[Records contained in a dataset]
--------------------------------------------------
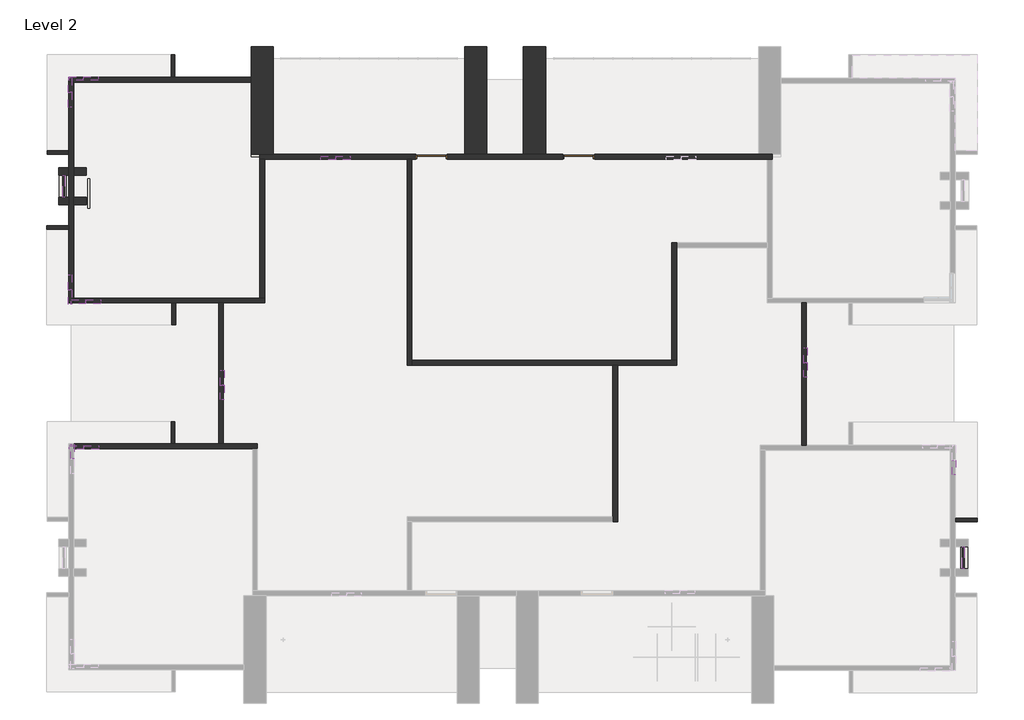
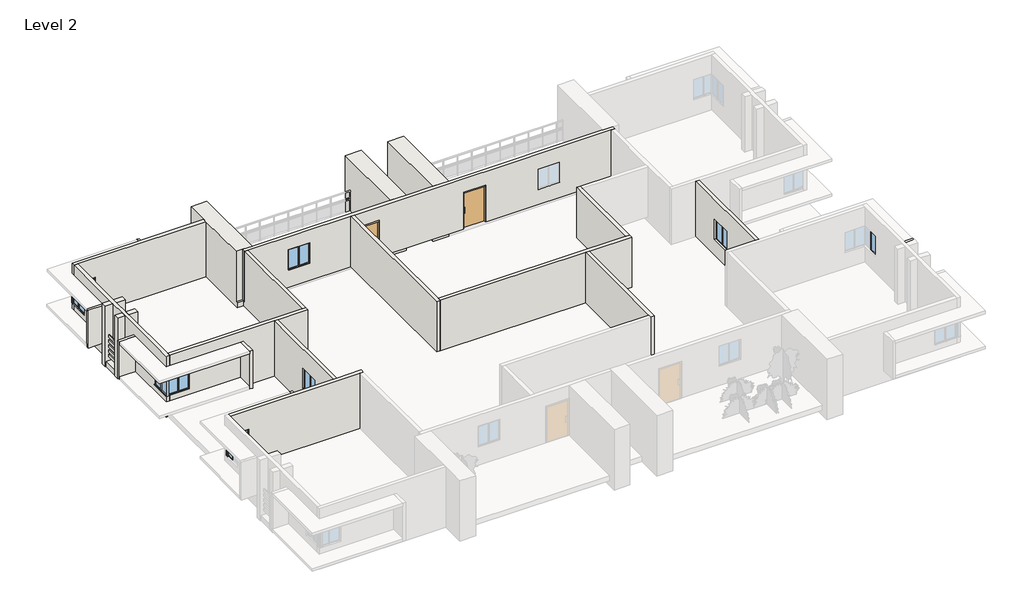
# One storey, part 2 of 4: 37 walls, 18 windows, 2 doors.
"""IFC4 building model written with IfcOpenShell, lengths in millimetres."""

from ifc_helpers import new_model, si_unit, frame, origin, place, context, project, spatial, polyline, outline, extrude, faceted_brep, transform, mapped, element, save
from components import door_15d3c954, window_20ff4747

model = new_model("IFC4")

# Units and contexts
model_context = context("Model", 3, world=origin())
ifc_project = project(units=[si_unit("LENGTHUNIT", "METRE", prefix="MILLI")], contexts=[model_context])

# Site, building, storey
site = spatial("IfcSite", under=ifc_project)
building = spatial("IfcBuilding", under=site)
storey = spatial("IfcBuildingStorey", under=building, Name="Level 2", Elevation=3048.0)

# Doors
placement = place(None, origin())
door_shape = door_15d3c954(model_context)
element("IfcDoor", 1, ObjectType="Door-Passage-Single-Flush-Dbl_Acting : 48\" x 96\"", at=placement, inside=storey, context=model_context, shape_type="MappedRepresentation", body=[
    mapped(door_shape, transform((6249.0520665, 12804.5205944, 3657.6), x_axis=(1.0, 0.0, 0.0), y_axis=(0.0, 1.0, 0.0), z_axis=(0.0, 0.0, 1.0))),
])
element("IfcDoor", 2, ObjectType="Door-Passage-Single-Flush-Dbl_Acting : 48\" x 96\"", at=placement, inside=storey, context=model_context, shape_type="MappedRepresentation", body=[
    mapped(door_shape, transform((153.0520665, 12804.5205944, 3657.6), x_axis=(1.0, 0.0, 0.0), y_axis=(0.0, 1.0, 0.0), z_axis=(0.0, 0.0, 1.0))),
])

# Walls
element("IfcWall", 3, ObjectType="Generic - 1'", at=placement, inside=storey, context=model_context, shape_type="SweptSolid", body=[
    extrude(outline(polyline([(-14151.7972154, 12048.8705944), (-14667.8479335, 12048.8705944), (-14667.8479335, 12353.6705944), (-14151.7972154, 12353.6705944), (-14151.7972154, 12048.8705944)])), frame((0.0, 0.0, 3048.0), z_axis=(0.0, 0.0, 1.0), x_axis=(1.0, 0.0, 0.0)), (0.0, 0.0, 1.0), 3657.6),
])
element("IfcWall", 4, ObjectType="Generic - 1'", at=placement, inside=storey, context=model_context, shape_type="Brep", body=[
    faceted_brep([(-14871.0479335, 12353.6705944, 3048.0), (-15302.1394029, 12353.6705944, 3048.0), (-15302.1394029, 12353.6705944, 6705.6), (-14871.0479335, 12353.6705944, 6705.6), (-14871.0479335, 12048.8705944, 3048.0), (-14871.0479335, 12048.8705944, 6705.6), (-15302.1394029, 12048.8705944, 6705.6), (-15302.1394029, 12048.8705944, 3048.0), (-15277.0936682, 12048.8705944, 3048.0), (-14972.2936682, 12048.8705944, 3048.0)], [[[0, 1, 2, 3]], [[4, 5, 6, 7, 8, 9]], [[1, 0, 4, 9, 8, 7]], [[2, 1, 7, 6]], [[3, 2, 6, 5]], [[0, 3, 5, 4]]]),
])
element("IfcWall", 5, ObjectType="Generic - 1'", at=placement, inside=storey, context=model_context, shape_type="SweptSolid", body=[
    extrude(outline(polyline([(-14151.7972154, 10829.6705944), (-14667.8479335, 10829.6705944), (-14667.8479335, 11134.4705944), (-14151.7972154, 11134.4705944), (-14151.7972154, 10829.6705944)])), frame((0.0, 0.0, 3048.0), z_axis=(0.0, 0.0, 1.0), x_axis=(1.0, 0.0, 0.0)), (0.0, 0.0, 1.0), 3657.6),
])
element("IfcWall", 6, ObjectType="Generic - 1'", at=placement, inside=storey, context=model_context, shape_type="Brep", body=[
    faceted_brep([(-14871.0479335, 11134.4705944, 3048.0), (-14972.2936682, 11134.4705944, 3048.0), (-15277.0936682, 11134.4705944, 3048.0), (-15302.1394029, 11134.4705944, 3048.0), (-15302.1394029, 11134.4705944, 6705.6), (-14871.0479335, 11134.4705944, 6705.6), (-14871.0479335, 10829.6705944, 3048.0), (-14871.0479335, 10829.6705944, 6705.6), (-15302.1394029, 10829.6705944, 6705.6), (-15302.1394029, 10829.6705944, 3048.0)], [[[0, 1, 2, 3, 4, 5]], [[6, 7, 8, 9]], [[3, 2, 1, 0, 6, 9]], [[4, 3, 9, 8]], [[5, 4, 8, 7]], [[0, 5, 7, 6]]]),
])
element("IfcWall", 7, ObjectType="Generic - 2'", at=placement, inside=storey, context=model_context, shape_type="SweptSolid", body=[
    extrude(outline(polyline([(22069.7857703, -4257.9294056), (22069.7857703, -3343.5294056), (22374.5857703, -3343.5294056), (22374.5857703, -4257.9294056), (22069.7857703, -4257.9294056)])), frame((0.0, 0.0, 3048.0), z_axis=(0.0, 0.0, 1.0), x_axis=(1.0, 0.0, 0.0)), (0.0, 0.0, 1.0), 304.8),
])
--------------------------------------------------
All lines in the records that contain "under" are to be copied and returned.

site = spatial("IfcSite", under=ifc_project)
building = spatial("IfcBuilding", under=site)
storey = spatial("IfcBuildingStorey", under=building, Name="Level 2", Elevation=3048.0)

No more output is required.